* _PROMPT_
Track down each line below containing the string "OperationType" and copy it.

* _PROVIDED ENTRIES_
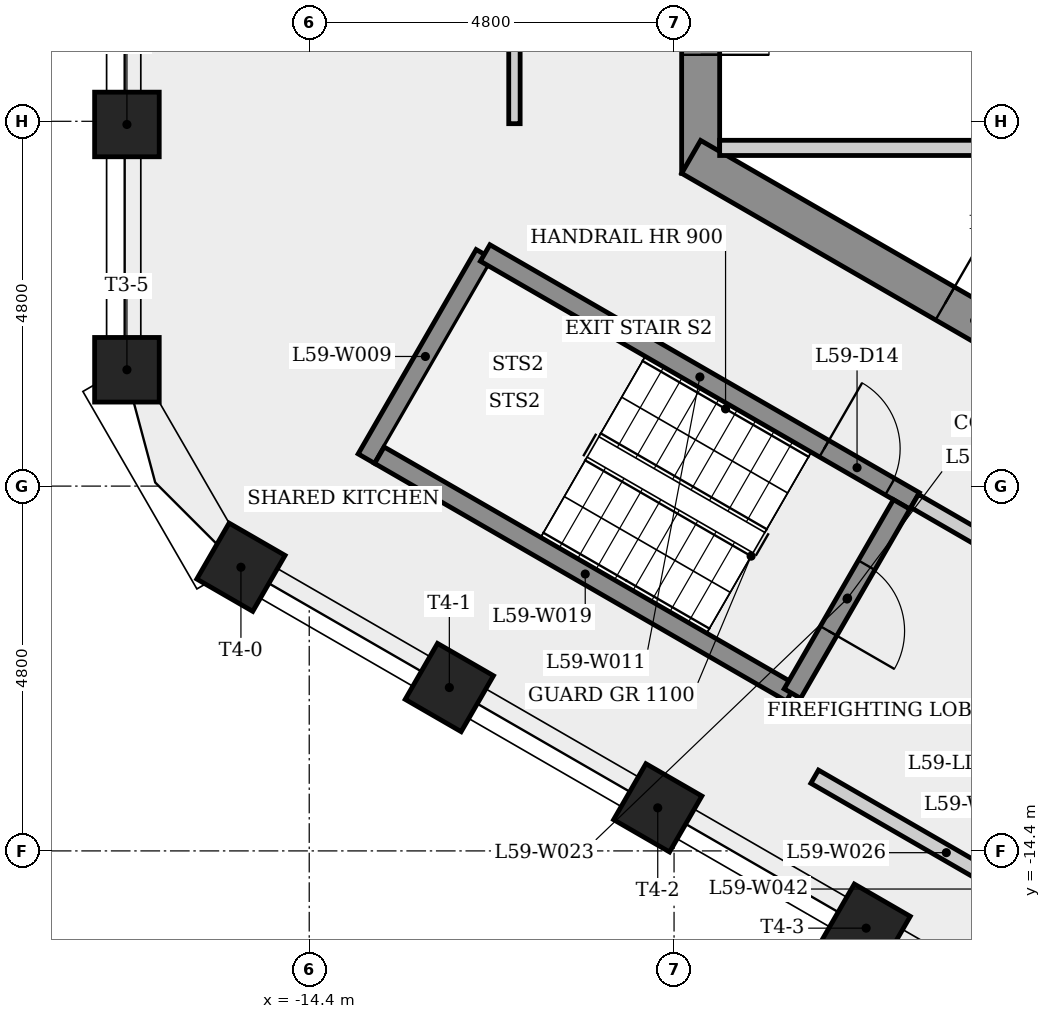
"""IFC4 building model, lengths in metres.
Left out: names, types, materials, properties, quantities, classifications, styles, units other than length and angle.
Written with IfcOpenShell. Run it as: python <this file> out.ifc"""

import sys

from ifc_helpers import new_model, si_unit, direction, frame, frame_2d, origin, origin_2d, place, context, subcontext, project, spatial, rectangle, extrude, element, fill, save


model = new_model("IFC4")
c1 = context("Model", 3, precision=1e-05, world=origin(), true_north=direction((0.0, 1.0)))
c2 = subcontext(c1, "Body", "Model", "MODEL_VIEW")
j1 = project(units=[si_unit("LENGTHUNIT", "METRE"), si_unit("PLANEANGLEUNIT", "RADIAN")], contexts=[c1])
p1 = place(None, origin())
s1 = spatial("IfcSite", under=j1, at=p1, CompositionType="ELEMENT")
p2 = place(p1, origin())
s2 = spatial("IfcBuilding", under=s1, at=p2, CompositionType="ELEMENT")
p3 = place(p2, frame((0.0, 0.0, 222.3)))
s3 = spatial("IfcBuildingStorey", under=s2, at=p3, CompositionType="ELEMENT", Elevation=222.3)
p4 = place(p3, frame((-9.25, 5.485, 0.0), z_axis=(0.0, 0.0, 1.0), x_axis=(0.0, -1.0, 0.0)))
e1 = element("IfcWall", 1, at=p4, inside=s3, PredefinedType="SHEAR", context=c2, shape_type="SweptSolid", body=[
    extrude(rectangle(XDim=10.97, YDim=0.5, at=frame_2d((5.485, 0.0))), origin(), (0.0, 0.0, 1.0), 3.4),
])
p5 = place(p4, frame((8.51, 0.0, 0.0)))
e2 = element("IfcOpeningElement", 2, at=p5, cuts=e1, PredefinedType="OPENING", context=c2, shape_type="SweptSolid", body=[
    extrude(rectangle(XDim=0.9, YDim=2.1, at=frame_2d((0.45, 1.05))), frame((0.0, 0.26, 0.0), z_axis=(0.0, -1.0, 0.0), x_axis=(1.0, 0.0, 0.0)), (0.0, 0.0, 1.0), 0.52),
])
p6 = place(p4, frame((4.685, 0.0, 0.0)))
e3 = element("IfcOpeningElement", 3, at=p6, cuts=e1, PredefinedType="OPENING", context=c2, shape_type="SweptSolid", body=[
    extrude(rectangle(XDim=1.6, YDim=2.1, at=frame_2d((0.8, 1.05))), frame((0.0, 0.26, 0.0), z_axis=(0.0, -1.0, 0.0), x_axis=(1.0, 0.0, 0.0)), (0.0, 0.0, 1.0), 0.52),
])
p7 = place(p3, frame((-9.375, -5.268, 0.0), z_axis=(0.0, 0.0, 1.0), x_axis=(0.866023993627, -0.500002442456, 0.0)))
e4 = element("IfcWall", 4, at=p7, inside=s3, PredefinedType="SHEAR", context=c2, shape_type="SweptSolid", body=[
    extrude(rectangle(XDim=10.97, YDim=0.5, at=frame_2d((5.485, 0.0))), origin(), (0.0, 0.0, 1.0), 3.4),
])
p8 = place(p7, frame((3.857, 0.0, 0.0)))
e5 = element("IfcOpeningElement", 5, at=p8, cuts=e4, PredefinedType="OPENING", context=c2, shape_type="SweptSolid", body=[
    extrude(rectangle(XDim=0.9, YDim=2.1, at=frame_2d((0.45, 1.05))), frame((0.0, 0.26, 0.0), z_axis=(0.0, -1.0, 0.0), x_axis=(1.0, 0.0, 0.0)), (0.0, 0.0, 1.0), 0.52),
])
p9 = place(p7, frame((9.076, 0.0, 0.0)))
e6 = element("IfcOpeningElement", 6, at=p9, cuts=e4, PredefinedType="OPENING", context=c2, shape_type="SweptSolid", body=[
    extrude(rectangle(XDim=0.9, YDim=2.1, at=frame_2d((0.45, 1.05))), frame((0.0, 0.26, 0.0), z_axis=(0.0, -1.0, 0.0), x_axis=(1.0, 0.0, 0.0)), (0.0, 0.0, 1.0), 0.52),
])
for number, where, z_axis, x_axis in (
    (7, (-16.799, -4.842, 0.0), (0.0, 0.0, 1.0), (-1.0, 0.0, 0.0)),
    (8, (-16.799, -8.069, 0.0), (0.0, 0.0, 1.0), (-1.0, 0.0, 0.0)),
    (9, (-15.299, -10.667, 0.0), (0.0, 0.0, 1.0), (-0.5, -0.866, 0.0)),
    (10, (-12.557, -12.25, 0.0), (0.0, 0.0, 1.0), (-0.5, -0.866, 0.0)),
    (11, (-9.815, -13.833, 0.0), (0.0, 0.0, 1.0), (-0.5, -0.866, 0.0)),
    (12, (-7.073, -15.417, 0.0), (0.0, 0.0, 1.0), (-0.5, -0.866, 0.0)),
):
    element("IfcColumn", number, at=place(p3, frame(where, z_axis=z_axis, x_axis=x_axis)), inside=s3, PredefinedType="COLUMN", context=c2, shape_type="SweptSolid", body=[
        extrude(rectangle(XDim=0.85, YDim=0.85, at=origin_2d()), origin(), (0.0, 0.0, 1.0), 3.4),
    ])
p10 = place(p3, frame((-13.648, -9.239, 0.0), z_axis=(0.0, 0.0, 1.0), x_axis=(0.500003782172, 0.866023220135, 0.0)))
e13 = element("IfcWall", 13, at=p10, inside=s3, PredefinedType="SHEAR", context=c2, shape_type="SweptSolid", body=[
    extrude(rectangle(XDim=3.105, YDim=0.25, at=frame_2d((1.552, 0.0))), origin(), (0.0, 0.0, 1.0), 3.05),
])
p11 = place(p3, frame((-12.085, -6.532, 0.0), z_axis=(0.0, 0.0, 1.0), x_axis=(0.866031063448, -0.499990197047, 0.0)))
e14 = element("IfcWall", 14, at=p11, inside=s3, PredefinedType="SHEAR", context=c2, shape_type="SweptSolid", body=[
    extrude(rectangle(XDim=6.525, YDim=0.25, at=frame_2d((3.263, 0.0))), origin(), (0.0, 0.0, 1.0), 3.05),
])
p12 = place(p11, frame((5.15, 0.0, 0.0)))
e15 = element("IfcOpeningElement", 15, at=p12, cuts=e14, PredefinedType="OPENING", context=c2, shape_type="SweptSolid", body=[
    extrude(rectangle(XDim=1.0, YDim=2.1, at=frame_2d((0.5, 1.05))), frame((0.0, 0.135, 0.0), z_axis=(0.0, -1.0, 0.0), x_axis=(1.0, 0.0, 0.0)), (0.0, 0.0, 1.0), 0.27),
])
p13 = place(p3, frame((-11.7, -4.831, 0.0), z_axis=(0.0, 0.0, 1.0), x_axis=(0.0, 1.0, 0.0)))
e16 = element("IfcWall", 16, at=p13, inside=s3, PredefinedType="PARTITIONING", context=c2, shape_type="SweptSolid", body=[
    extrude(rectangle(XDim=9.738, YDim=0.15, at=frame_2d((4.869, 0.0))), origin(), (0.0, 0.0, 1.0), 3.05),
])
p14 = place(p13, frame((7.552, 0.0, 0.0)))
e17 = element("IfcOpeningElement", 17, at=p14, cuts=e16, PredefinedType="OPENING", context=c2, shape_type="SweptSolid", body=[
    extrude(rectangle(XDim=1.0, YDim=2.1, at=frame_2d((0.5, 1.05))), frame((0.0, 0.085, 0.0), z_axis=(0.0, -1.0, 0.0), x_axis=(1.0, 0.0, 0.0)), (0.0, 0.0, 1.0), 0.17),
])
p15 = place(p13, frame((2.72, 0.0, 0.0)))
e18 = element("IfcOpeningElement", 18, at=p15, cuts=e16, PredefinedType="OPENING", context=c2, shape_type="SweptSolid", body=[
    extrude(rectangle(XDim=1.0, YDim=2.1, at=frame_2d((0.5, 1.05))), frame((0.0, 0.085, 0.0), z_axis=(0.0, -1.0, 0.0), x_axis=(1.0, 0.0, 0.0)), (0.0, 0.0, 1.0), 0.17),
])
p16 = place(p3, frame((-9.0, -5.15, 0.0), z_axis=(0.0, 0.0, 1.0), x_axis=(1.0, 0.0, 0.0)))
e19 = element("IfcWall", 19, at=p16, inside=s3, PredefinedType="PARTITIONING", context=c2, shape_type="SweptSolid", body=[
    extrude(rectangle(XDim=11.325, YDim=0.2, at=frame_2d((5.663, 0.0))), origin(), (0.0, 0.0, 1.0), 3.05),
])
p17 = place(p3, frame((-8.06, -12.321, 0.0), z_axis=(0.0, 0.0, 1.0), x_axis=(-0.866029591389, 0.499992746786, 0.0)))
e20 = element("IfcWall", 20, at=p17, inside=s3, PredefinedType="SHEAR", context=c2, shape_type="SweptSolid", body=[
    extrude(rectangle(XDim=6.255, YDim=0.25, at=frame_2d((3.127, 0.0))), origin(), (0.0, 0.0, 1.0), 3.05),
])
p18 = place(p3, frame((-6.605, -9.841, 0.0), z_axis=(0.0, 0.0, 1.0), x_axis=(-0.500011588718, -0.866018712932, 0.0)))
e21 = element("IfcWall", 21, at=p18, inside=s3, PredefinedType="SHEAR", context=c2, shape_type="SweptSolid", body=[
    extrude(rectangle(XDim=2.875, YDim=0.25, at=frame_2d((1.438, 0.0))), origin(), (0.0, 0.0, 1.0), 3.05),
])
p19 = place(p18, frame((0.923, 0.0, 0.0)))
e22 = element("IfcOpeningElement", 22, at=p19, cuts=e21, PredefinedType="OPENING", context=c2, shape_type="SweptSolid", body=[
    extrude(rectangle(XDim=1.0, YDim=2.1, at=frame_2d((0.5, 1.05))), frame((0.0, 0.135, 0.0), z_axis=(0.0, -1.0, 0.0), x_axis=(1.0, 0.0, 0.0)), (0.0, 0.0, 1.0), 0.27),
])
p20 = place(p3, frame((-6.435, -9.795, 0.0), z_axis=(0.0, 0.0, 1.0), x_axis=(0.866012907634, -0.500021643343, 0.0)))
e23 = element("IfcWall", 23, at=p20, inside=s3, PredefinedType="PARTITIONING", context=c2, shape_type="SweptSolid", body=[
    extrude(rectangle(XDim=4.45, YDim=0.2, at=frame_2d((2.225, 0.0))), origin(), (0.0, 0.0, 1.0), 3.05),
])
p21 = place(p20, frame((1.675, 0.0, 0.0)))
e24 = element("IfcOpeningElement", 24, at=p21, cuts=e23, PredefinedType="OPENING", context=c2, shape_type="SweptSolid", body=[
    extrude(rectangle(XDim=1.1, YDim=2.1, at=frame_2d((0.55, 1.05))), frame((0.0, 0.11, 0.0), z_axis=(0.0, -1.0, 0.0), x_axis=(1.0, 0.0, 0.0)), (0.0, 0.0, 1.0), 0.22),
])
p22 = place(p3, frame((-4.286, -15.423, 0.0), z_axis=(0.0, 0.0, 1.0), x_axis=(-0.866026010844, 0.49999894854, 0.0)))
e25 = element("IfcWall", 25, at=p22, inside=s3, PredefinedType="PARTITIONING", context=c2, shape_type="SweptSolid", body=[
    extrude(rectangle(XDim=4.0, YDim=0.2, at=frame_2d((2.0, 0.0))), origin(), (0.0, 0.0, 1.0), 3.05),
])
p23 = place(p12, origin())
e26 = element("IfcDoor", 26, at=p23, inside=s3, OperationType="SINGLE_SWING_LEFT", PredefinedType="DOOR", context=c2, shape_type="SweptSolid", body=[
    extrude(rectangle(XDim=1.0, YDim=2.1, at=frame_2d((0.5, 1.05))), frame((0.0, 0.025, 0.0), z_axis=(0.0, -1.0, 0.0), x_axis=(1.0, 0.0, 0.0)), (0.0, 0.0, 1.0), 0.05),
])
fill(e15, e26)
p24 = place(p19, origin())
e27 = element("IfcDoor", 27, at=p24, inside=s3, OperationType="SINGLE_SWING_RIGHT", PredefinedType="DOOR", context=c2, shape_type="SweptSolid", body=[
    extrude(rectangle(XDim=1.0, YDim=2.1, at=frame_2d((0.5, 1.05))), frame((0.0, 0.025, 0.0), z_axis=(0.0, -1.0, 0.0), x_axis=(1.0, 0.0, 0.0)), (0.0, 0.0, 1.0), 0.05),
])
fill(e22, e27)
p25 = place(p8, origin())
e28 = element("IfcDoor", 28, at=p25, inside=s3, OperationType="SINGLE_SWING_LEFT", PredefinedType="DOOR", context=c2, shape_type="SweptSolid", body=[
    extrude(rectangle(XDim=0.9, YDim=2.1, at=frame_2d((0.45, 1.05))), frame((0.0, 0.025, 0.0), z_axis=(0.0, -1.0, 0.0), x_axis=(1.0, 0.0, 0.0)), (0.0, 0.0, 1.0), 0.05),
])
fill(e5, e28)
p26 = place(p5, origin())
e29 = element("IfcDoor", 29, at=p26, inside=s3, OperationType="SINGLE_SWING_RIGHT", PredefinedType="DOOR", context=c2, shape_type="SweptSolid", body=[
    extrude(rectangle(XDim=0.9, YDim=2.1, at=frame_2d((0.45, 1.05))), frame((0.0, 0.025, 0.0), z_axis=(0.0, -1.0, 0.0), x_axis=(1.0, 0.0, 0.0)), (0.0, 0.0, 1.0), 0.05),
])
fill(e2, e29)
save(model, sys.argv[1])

* _RESPONSE_
e26 = element("IfcDoor", 26, at=p23, inside=s3, OperationType="SINGLE_SWING_LEFT", PredefinedType="DOOR", context=c2, shape_type="SweptSolid", body=[
e27 = element("IfcDoor", 27, at=p24, inside=s3, OperationType="SINGLE_SWING_RIGHT", PredefinedType="DOOR", context=c2, shape_type="SweptSolid", body=[
e28 = element("IfcDoor", 28, at=p25, inside=s3, OperationType="SINGLE_SWING_LEFT", PredefinedType="DOOR", context=c2, shape_type="SweptSolid", body=[
e29 = element("IfcDoor", 29, at=p26, inside=s3, OperationType="SINGLE_SWING_RIGHT", PredefinedType="DOOR", context=c2, shape_type="SweptSolid", body=[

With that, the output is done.